====== Record extracts ======

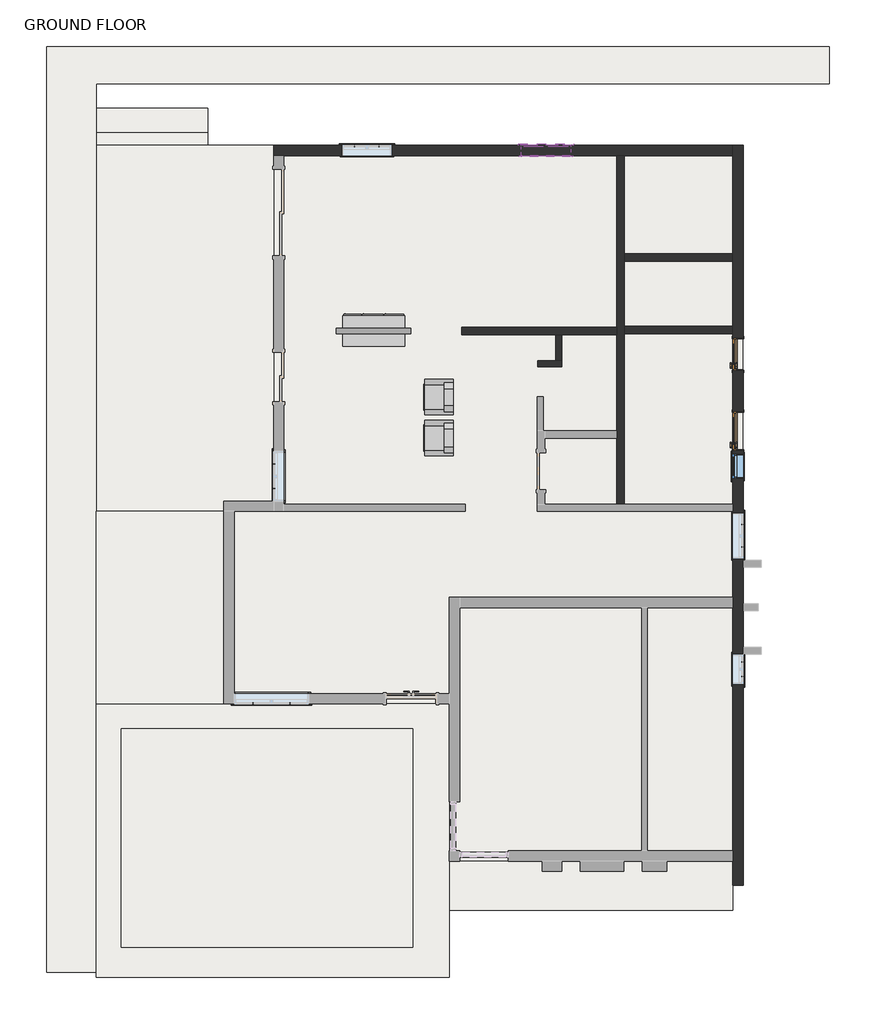
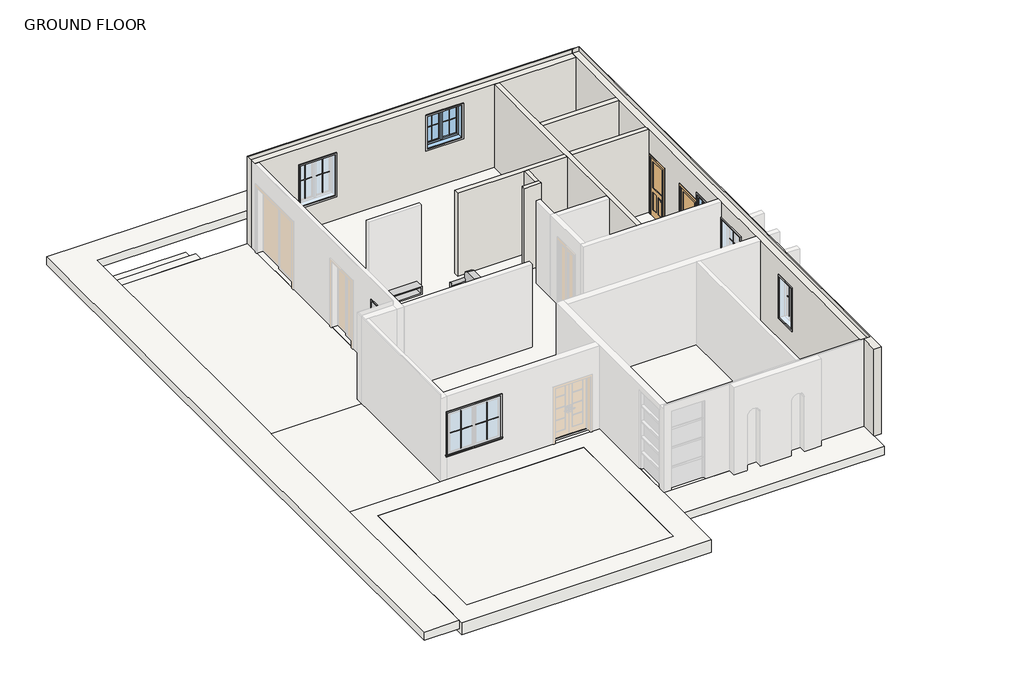
# One storey, part 2 of 2: 27 proxies, 9 slabs, 8 walls, 4 furniture elements, 2 doors, 2 windows.
"""IFC4 building model written with IfcOpenShell, lengths in millimetres."""

from ifc_helpers import new_model, si_unit, frame, origin, origin_with_axes, place, context, project, spatial, polyline, outline, extrude, faceted_brep, transform, mapped, element, save
from components import muntin_pattern_2x2_muntin_pattern_2x2_12159eb8, muntin_pattern_2x2_muntin_pattern_2x2_7b8f790b, muntin_pattern_2x2_muntin_pattern_2x2_a2bda2b8, muntin_pattern_2x2_muntin_pattern_2x2_5c299dc3, muntin_pattern_2x2_muntin_pattern_2x2_e751b040, muntin_pattern_2x2_muntin_pattern_2x2_9cc8fee8, muntin_pattern_2x2_muntin_pattern_2x2_4dfeb3f3, muntin_pattern_2x2_muntin_pattern_2x2_e852a7e4, muntin_pattern_2x2_muntin_pattern_2x2_8031e6f6, muntin_pattern_2x2_muntin_pattern_2x2_6dad3731, muntin_pattern_2x2_muntin_pattern_2x2_a30a3345, trim_window_exterior_flat_with_sill_dc35da0b, trim_window_exterior_flat_with_sill_683e4a0f, trim_window_exterior_flat_with_sill_c22f0c79, trim_window_exterior_flat_with_sill_7cfdd449, trim_window_exterior_flat_with_sill_4912eb0d, trim_window_exterior_flat_with_sill_92b9b949, trim_window_interior_flat_picture_frame_d06e6fc7, trim_window_interior_flat_picture_frame_4c1e0c81, trim_window_interior_flat_picture_frame_d1f4d6ef, trim_window_interior_flat_picture_frame_f1e0b15b, trim_window_interior_flat_picture_frame_978fd00d, trim_window_interior_flat_picture_frame_3bb882cf, door_2_5_90776985, door_3_192038f1, furniture_78335deb, chair_lounge_11461_couch_0866092f, family1_family1_08dda250, window_awning_single_2_9725ec62, window_casement_double_4_window_2_5590f608

model = new_model("IFC4")

# Units and contexts
model_context = context("Model", 3, world=origin())
ifc_project = project(units=[si_unit("LENGTHUNIT", "METRE", prefix="MILLI")], contexts=[model_context])

# Site, building, storey
site = spatial("IfcSite", under=ifc_project)
building = spatial("IfcBuilding", under=site)
storey = spatial("IfcBuildingStorey", under=building, Name="GROUND FLOOR", Elevation=457.2)

# Proxies
placement = place(None, origin())
muntin_pattern_2x2_muntin_pattern_2x2_shape = muntin_pattern_2x2_muntin_pattern_2x2_12159eb8(model_context)
element("IfcBuildingElementProxy", 1, Name="Muntin Pattern_2x2 : Muntin Pattern_2x2", ObjectType="Muntin Pattern_2x2 : Muntin Pattern_2x2", at=placement, inside=storey, context=model_context, shape_type="MappedRepresentation", body=[
    mapped(muntin_pattern_2x2_muntin_pattern_2x2_shape, transform((6234.5834916, 167.7933623, 1441.45), x_axis=(0.0, -1.0, 0.0), y_axis=(1.0, 0.0, 0.0), z_axis=(0.0, 0.0, 1.0))),
])
muntin_pattern_2x2_muntin_pattern_2x2_2_shape = muntin_pattern_2x2_muntin_pattern_2x2_7b8f790b(model_context)
element("IfcBuildingElementProxy", 2, Name="Muntin Pattern_2x2 : Muntin Pattern_2x2", ObjectType="Muntin Pattern_2x2 : Muntin Pattern_2x2", at=placement, inside=storey, context=model_context, shape_type="MappedRepresentation", body=[
    mapped(muntin_pattern_2x2_muntin_pattern_2x2_2_shape, transform((6234.5834916, -387.8316377, 1441.45), x_axis=(0.0, 1.0, 0.0), y_axis=(-1.0, 0.0, 0.0), z_axis=(0.0, 0.0, 1.0))),
])
muntin_pattern_2x2_muntin_pattern_2x2_3_shape = muntin_pattern_2x2_muntin_pattern_2x2_a2bda2b8(model_context)
element("IfcBuildingElementProxy", 3, Name="Muntin Pattern_2x2 : Muntin Pattern_2x2", ObjectType="Muntin Pattern_2x2 : Muntin Pattern_2x2", at=placement, inside=storey, context=model_context, shape_type="MappedRepresentation", body=[
    mapped(muntin_pattern_2x2_muntin_pattern_2x2_3_shape, transform((6234.5834916, -3204.4733398, 1441.45), x_axis=(0.0, -1.0, 0.0), y_axis=(1.0, 0.0, 0.0), z_axis=(0.0, 0.0, 1.0))),
])
muntin_pattern_2x2_muntin_pattern_2x2_4_shape = muntin_pattern_2x2_muntin_pattern_2x2_5c299dc3(model_context)
element("IfcBuildingElementProxy", 4, Name="Muntin Pattern_2x2 : Muntin Pattern_2x2", ObjectType="Muntin Pattern_2x2 : Muntin Pattern_2x2", at=placement, inside=storey, context=model_context, shape_type="MappedRepresentation", body=[
    mapped(muntin_pattern_2x2_muntin_pattern_2x2_4_shape, transform((6234.5834916, -3569.5983398, 1441.45), x_axis=(0.0, 1.0, 0.0), y_axis=(-1.0, 0.0, 0.0), z_axis=(0.0, 0.0, 1.0))),
])
muntin_pattern_2x2_muntin_pattern_2x2_5_shape = muntin_pattern_2x2_muntin_pattern_2x2_e751b040(model_context)
element("IfcBuildingElementProxy", 5, Name="Muntin Pattern_2x2 : Muntin Pattern_2x2", ObjectType="Muntin Pattern_2x2 : Muntin Pattern_2x2", at=placement, inside=storey, context=model_context, shape_type="MappedRepresentation", body=[
    mapped(muntin_pattern_2x2_muntin_pattern_2x2_5_shape, transform((-4883.0879467, -4227.6016767, 1441.45), x_axis=(-1.0, 0.0, 0.0), y_axis=(0.0, -1.0, 0.0), z_axis=(0.0, 0.0, 1.0))),
])
muntin_pattern_2x2_muntin_pattern_2x2_6_shape = muntin_pattern_2x2_muntin_pattern_2x2_9cc8fee8(model_context)
element("IfcBuildingElementProxy", 6, Name="Muntin Pattern_2x2 : Muntin Pattern_2x2", ObjectType="Muntin Pattern_2x2 : Muntin Pattern_2x2", at=placement, inside=storey, context=model_context, shape_type="MappedRepresentation", body=[
    mapped(muntin_pattern_2x2_muntin_pattern_2x2_6_shape, transform((-5794.3129467, -4227.6016767, 1441.45), x_axis=(1.0, 0.0, 0.0), y_axis=(0.0, 1.0, 0.0), z_axis=(0.0, 0.0, 1.0))),
])
muntin_pattern_2x2_muntin_pattern_2x2_7_shape = muntin_pattern_2x2_muntin_pattern_2x2_4dfeb3f3(model_context)
element("IfcBuildingElementProxy", 7, Name="Muntin Pattern_2x2 : Muntin Pattern_2x2", ObjectType="Muntin Pattern_2x2 : Muntin Pattern_2x2", at=placement, inside=storey, context=model_context, shape_type="MappedRepresentation", body=[
    mapped(muntin_pattern_2x2_muntin_pattern_2x2_7_shape, transform((1101.9313637, 9469.4685985, 2027.05), x_axis=(1.0, 0.0, 0.0), y_axis=(0.0, 1.0, 0.0), z_axis=(0.0, 0.0, 1.0))),
])
muntin_pattern_2x2_muntin_pattern_2x2_8_shape = muntin_pattern_2x2_muntin_pattern_2x2_e852a7e4(model_context)
element("IfcBuildingElementProxy", 8, Name="Muntin Pattern_2x2 : Muntin Pattern_2x2", ObjectType="Muntin Pattern_2x2 : Muntin Pattern_2x2", at=placement, inside=storey, context=model_context, shape_type="MappedRepresentation", body=[
    mapped(muntin_pattern_2x2_muntin_pattern_2x2_8_shape, transform((1708.3563637, 9469.4685985, 2027.05), x_axis=(-1.0, 0.0, 0.0), y_axis=(0.0, -1.0, 0.0), z_axis=(0.0, 0.0, 1.0))),
])
muntin_pattern_2x2_muntin_pattern_2x2_9_shape = muntin_pattern_2x2_muntin_pattern_2x2_8031e6f6(model_context)
element("IfcBuildingElementProxy", 9, Name="Muntin Pattern_2x2 : Muntin Pattern_2x2", ObjectType="Muntin Pattern_2x2 : Muntin Pattern_2x2", at=placement, inside=storey, context=model_context, shape_type="MappedRepresentation", body=[
    mapped(muntin_pattern_2x2_muntin_pattern_2x2_9_shape, transform((5999.6334916, 1597.0935985, 1441.45), x_axis=(0.0, 1.0, 0.0), y_axis=(-1.0, 0.0, 0.0), z_axis=(0.0, 0.0, 1.0))),
])
muntin_pattern_2x2_muntin_pattern_2x2_10_shape = muntin_pattern_2x2_muntin_pattern_2x2_6dad3731(model_context)
element("IfcBuildingElementProxy", 10, Name="Muntin Pattern_2x2 : Muntin Pattern_2x2", ObjectType="Muntin Pattern_2x2 : Muntin Pattern_2x2", at=placement, inside=storey, context=model_context, shape_type="MappedRepresentation", body=[
    mapped(muntin_pattern_2x2_muntin_pattern_2x2_10_shape, transform((-5278.2311363, 1047.5096373, 1441.45), x_axis=(0.0, 1.0, 0.0), y_axis=(-1.0, 0.0, 0.0), z_axis=(0.0, 0.0, 1.0))),
])
element("IfcBuildingElementProxy", 11, Name="Muntin Pattern_2x2 : Muntin Pattern_2x2", ObjectType="Muntin Pattern_2x2 : Muntin Pattern_2x2", at=placement, inside=storey, context=model_context, shape_type="MappedRepresentation", body=[
    mapped(muntin_pattern_2x2_muntin_pattern_2x2_10_shape, transform((-3299.7482334, 9469.4685985, 1441.45), x_axis=(1.0, 0.0, 0.0), y_axis=(0.0, 1.0, 0.0), z_axis=(0.0, 0.0, 1.0))),
])
muntin_pattern_2x2_muntin_pattern_2x2_11_shape = muntin_pattern_2x2_muntin_pattern_2x2_a30a3345(model_context)
element("IfcBuildingElementProxy", 12, Name="Muntin Pattern_2x2 : Muntin Pattern_2x2", ObjectType="Muntin Pattern_2x2 : Muntin Pattern_2x2", at=placement, inside=storey, context=model_context, shape_type="MappedRepresentation", body=[
    mapped(muntin_pattern_2x2_muntin_pattern_2x2_11_shape, transform((-5278.2311363, 1653.9346373, 1441.45), x_axis=(0.0, -1.0, 0.0), y_axis=(1.0, 0.0, 0.0), z_axis=(0.0, 0.0, 1.0))),
])
element("IfcBuildingElementProxy", 13, Name="Muntin Pattern_2x2 : Muntin Pattern_2x2", ObjectType="Muntin Pattern_2x2 : Muntin Pattern_2x2", at=placement, inside=storey, context=model_context, shape_type="MappedRepresentation", body=[
    mapped(muntin_pattern_2x2_muntin_pattern_2x2_11_shape, transform((-2693.3232334, 9469.4685985, 1441.45), x_axis=(-1.0, 0.0, 0.0), y_axis=(0.0, -1.0, 0.0), z_axis=(0.0, 0.0, 1.0))),
])
trim_window_exterior_flat_with_sill_shape = trim_window_exterior_flat_with_sill_dc35da0b(model_context)
element("IfcBuildingElementProxy", 14, Name="Trim-Window-Exterior-Flat : with Sill", ObjectType="Trim-Window-Exterior-Flat : with Sill", at=placement, inside=storey, context=model_context, shape_type="MappedRepresentation", body=[
    mapped(trim_window_exterior_flat_with_sill_shape, transform((6244.1084916, -110.0191377, 2895.6), x_axis=(0.0, 1.0, 0.0), y_axis=(0.0, 0.0, 1.0), z_axis=(1.0, 0.0, 0.0))),
])
trim_window_exterior_flat_with_sill_2_shape = trim_window_exterior_flat_with_sill_683e4a0f(model_context)
element("IfcBuildingElementProxy", 15, Name="Trim-Window-Exterior-Flat : with Sill", ObjectType="Trim-Window-Exterior-Flat : with Sill", at=placement, inside=storey, context=model_context, shape_type="MappedRepresentation", body=[
    mapped(trim_window_exterior_flat_with_sill_2_shape, transform((6244.1084916, -3387.0358398, 2895.6), x_axis=(0.0, 1.0, 0.0), y_axis=(0.0, 0.0, 1.0), z_axis=(1.0, 0.0, 0.0))),
])
trim_window_exterior_flat_with_sill_3_shape = trim_window_exterior_flat_with_sill_c22f0c79(model_context)
element("IfcBuildingElementProxy", 16, Name="Trim-Window-Exterior-Flat : with Sill", ObjectType="Trim-Window-Exterior-Flat : with Sill", at=placement, inside=storey, context=model_context, shape_type="MappedRepresentation", body=[
    mapped(trim_window_exterior_flat_with_sill_3_shape, transform((-5338.7004467, -4237.1266767, 2895.6), x_axis=(1.0, 0.0, 0.0), y_axis=(0.0, 0.0, 1.0), z_axis=(0.0, -1.0, 0.0))),
])
trim_window_exterior_flat_with_sill_4_shape = trim_window_exterior_flat_with_sill_7cfdd449(model_context)
element("IfcBuildingElementProxy", 17, Name="Trim-Window-Exterior-Flat : with Sill", ObjectType="Trim-Window-Exterior-Flat : with Sill", at=placement, inside=storey, context=model_context, shape_type="MappedRepresentation", body=[
    mapped(trim_window_exterior_flat_with_sill_4_shape, transform((1405.1438637, 9478.9935985, 3176.4), x_axis=(-1.0, 0.0, 0.0), y_axis=(0.0, 0.0, 1.0), z_axis=(0.0, 1.0, 0.0))),
])
trim_window_exterior_flat_with_sill_5_shape = trim_window_exterior_flat_with_sill_4912eb0d(model_context)
element("IfcBuildingElementProxy", 18, Name="Trim-Window-Exterior-Flat : with Sill", ObjectType="Trim-Window-Exterior-Flat : with Sill", at=placement, inside=storey, context=model_context, shape_type="MappedRepresentation", body=[
    mapped(trim_window_exterior_flat_with_sill_5_shape, transform((5990.1084916, 1597.0935985, 2895.6), x_axis=(0.0, -1.0, 0.0), y_axis=(0.0, 0.0, 1.0), z_axis=(-1.0, 0.0, 0.0))),
])
trim_window_exterior_flat_with_sill_6_shape = trim_window_exterior_flat_with_sill_92b9b949(model_context)
element("IfcBuildingElementProxy", 19, Name="Trim-Window-Exterior-Flat : with Sill", ObjectType="Trim-Window-Exterior-Flat : with Sill", at=placement, inside=storey, context=model_context, shape_type="MappedRepresentation", body=[
    mapped(trim_window_exterior_flat_with_sill_6_shape, transform((-5287.7561363, 1350.7221373, 2895.6), x_axis=(0.0, -1.0, 0.0), y_axis=(0.0, 0.0, 1.0), z_axis=(-1.0, 0.0, 0.0))),
])
element("IfcBuildingElementProxy", 20, Name="Trim-Window-Exterior-Flat : with Sill", ObjectType="Trim-Window-Exterior-Flat : with Sill", at=placement, inside=storey, context=model_context, shape_type="MappedRepresentation", body=[
    mapped(trim_window_exterior_flat_with_sill_6_shape, transform((-2996.5357334, 9478.9935985, 2895.6), x_axis=(-1.0, 0.0, 0.0), y_axis=(0.0, 0.0, 1.0), z_axis=(0.0, 1.0, 0.0))),
])
trim_window_interior_flat_picture_frame_shape = trim_window_interior_flat_picture_frame_d06e6fc7(model_context)
element("IfcBuildingElementProxy", 21, Name="Trim-Window-Interior-Flat : Picture Frame", ObjectType="Trim-Window-Interior-Flat : Picture Frame", at=placement, inside=storey, context=model_context, shape_type="MappedRepresentation", body=[
    mapped(trim_window_interior_flat_picture_frame_shape, transform((5990.1084916, -110.0191377, 2895.6), x_axis=(0.0, -1.0, 0.0), y_axis=(0.0, 0.0, 1.0), z_axis=(-1.0, 0.0, 0.0))),
])
trim_window_interior_flat_picture_frame_2_shape = trim_window_interior_flat_picture_frame_4c1e0c81(model_context)
element("IfcBuildingElementProxy", 22, Name="Trim-Window-Interior-Flat : Picture Frame", ObjectType="Trim-Window-Interior-Flat : Picture Frame", at=placement, inside=storey, context=model_context, shape_type="MappedRepresentation", body=[
    mapped(trim_window_interior_flat_picture_frame_2_shape, transform((5990.1084916, -3387.0358398, 2895.6), x_axis=(0.0, -1.0, 0.0), y_axis=(0.0, 0.0, 1.0), z_axis=(-1.0, 0.0, 0.0))),
])
trim_window_interior_flat_picture_frame_3_shape = trim_window_interior_flat_picture_frame_d1f4d6ef(model_context)
element("IfcBuildingElementProxy", 23, Name="Trim-Window-Interior-Flat : Picture Frame", ObjectType="Trim-Window-Interior-Flat : Picture Frame", at=placement, inside=storey, context=model_context, shape_type="MappedRepresentation", body=[
    mapped(trim_window_interior_flat_picture_frame_3_shape, transform((-5338.7004467, -3983.1266767, 2895.6), x_axis=(-1.0, 0.0, 0.0), y_axis=(0.0, 0.0, 1.0), z_axis=(0.0, 1.0, 0.0))),
])
trim_window_interior_flat_picture_frame_4_shape = trim_window_interior_flat_picture_frame_f1e0b15b(model_context)
element("IfcBuildingElementProxy", 24, Name="Trim-Window-Interior-Flat : Picture Frame", ObjectType="Trim-Window-Interior-Flat : Picture Frame", at=placement, inside=storey, context=model_context, shape_type="MappedRepresentation", body=[
    mapped(trim_window_interior_flat_picture_frame_4_shape, transform((1405.1438637, 9224.9935985, 3176.4), x_axis=(1.0, 0.0, 0.0), y_axis=(0.0, 0.0, 1.0), z_axis=(0.0, -1.0, 0.0))),
])
trim_window_interior_flat_picture_frame_5_shape = trim_window_interior_flat_picture_frame_978fd00d(model_context)
element("IfcBuildingElementProxy", 25, Name="Trim-Window-Interior-Flat : Picture Frame", ObjectType="Trim-Window-Interior-Flat : Picture Frame", at=placement, inside=storey, context=model_context, shape_type="MappedRepresentation", body=[
    mapped(trim_window_interior_flat_picture_frame_5_shape, transform((6244.1084916, 1597.0935985, 2895.6), x_axis=(0.0, 1.0, 0.0), y_axis=(0.0, 0.0, 1.0), z_axis=(1.0, 0.0, 0.0))),
])
trim_window_interior_flat_picture_frame_6_shape = trim_window_interior_flat_picture_frame_3bb882cf(model_context)
element("IfcBuildingElementProxy", 26, Name="Trim-Window-Interior-Flat : Picture Frame", ObjectType="Trim-Window-Interior-Flat : Picture Frame", at=placement, inside=storey, context=model_context, shape_type="MappedRepresentation", body=[
    mapped(trim_window_interior_flat_picture_frame_6_shape, transform((-5033.7561363, 1350.7221373, 2895.6), x_axis=(0.0, 1.0, 0.0), y_axis=(0.0, 0.0, 1.0), z_axis=(1.0, 0.0, 0.0))),
])
element("IfcBuildingElementProxy", 27, Name="Trim-Window-Interior-Flat : Picture Frame", ObjectType="Trim-Window-Interior-Flat : Picture Frame", at=placement, inside=storey, context=model_context, shape_type="MappedRepresentation", body=[
    mapped(trim_window_interior_flat_picture_frame_6_shape, transform((-2996.5357334, 9224.9935985, 2895.6), x_axis=(1.0, 0.0, 0.0), y_axis=(0.0, 0.0, 1.0), z_axis=(0.0, -1.0, 0.0))),
])

# Doors
door_2_5_shape = door_2_5_90776985(model_context)
element("IfcDoor", 28, ObjectType="2.5'", at=placement, inside=storey, context=model_context, shape_type="MappedRepresentation", body=[
    mapped(door_2_5_shape, transform((6113.9334916, 4345.0935985, 457.2), x_axis=(0.0, -1.0, 0.0), y_axis=(1.0, 0.0, 0.0), z_axis=(0.0, 0.0, 1.0))),
])
door_3_shape = door_3_192038f1(model_context)
element("IfcDoor", 29, ObjectType="3'", at=placement, inside=storey, context=model_context, shape_type="MappedRepresentation", body=[
    mapped(door_3_shape, transform((6113.9334916, 2460.6935985, 457.2), x_axis=(0.0, -1.0, 0.0), y_axis=(1.0, 0.0, 0.0), z_axis=(0.0, 0.0, 1.0))),
])

# Furniture
furniture_shape = furniture_78335deb(model_context)
element("IfcFurniture", 30, at=placement, inside=storey, context=model_context, shape_type="MappedRepresentation", body=[
    mapped(furniture_shape, transform((-2829.2809093, 5141.7322749, 457.2), x_axis=(-1.0, 0.0, 0.0), y_axis=(0.0, -1.0, 0.0), z_axis=(0.0, 0.0, 1.0))),
])
chair_lounge_11461_couch_shape = chair_lounge_11461_couch_0866092f(model_context)
element("IfcFurniture", 31, ObjectType="Chair-Lounge_11461 : Couch", at=placement, inside=storey, context=model_context, shape_type="MappedRepresentation", body=[
    mapped(chair_lounge_11461_couch_shape, transform((-874.5061363, 2290.7935985, 457.2), x_axis=(0.0, -1.0, 0.0), y_axis=(1.0, 0.0, 0.0), z_axis=(0.0, 0.0, 1.0))),
])
element("IfcFurniture", 32, ObjectType="Chair-Lounge_11461 : Couch", at=placement, inside=storey, context=model_context, shape_type="MappedRepresentation", body=[
    mapped(chair_lounge_11461_couch_shape, transform((-874.5061363, 3294.0935985, 457.2), x_axis=(0.0, -1.0, 0.0), y_axis=(1.0, 0.0, 0.0), z_axis=(0.0, 0.0, 1.0))),
])
family1_family1_shape = family1_family1_08dda250(model_context)
element("IfcFurniture", 33, ObjectType="Family1 : Family1", at=placement, inside=storey, context=model_context, shape_type="MappedRepresentation", body=[
    mapped(family1_family1_shape, transform((-2829.2809093, 4849.6322749, 457.2), x_axis=(-1.0, 0.0, 0.0), y_axis=(0.0, -1.0, 0.0), z_axis=(0.0, 0.0, 1.0))),
])

# Slabs
element("IfcSlab", 34, ObjectType="6\"", at=placement, inside=storey, context=model_context, shape_type="SweptSolid", body=[
    extrude(outline(polyline([(-5287.7561363, 9478.9935985), (-5287.7561363, 741.1221373), (-6507.1004467, 741.1221373), (-6507.1004467, 487.1221375), (-9643.8561363, 487.1221375), (-9643.8561363, 9478.9935985), (-5287.7561363, 9478.9935985)])), origin_with_axes(), (0.0, 0.0, 1.0), 457.2),
])
element("IfcSlab", 35, ObjectType="6\" 3", at=placement, inside=storey, context=model_context, shape_type="SweptSolid", body=[
    extrude(outline(polyline([(-6900.6561363, 9478.9935985), (-9643.8561363, 9478.9935985), (-9643.8561363, 10393.3935985), (-6900.6561363, 10393.3935985), (-6900.6561363, 9478.9935985)])), origin_with_axes(), (0.0, 0.0, 1.0), 152.4),
])
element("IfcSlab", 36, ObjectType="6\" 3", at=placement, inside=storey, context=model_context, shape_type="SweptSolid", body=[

======

#### Try it:
Repeat only the lines between the start of the data and the line with "from ifc_helpers import", including those two lines, and skip the pictures.

#### Result:
# One storey, part 2 of 2: 27 proxies, 9 slabs, 8 walls, 4 furniture elements, 2 doors, 2 windows.
"""IFC4 building model written with IfcOpenShell, lengths in millimetres."""

from ifc_helpers import new_model, si_unit, frame, origin, origin_with_axes, place, context, project, spatial, polyline, outline, extrude, faceted_brep, transform, mapped, element, save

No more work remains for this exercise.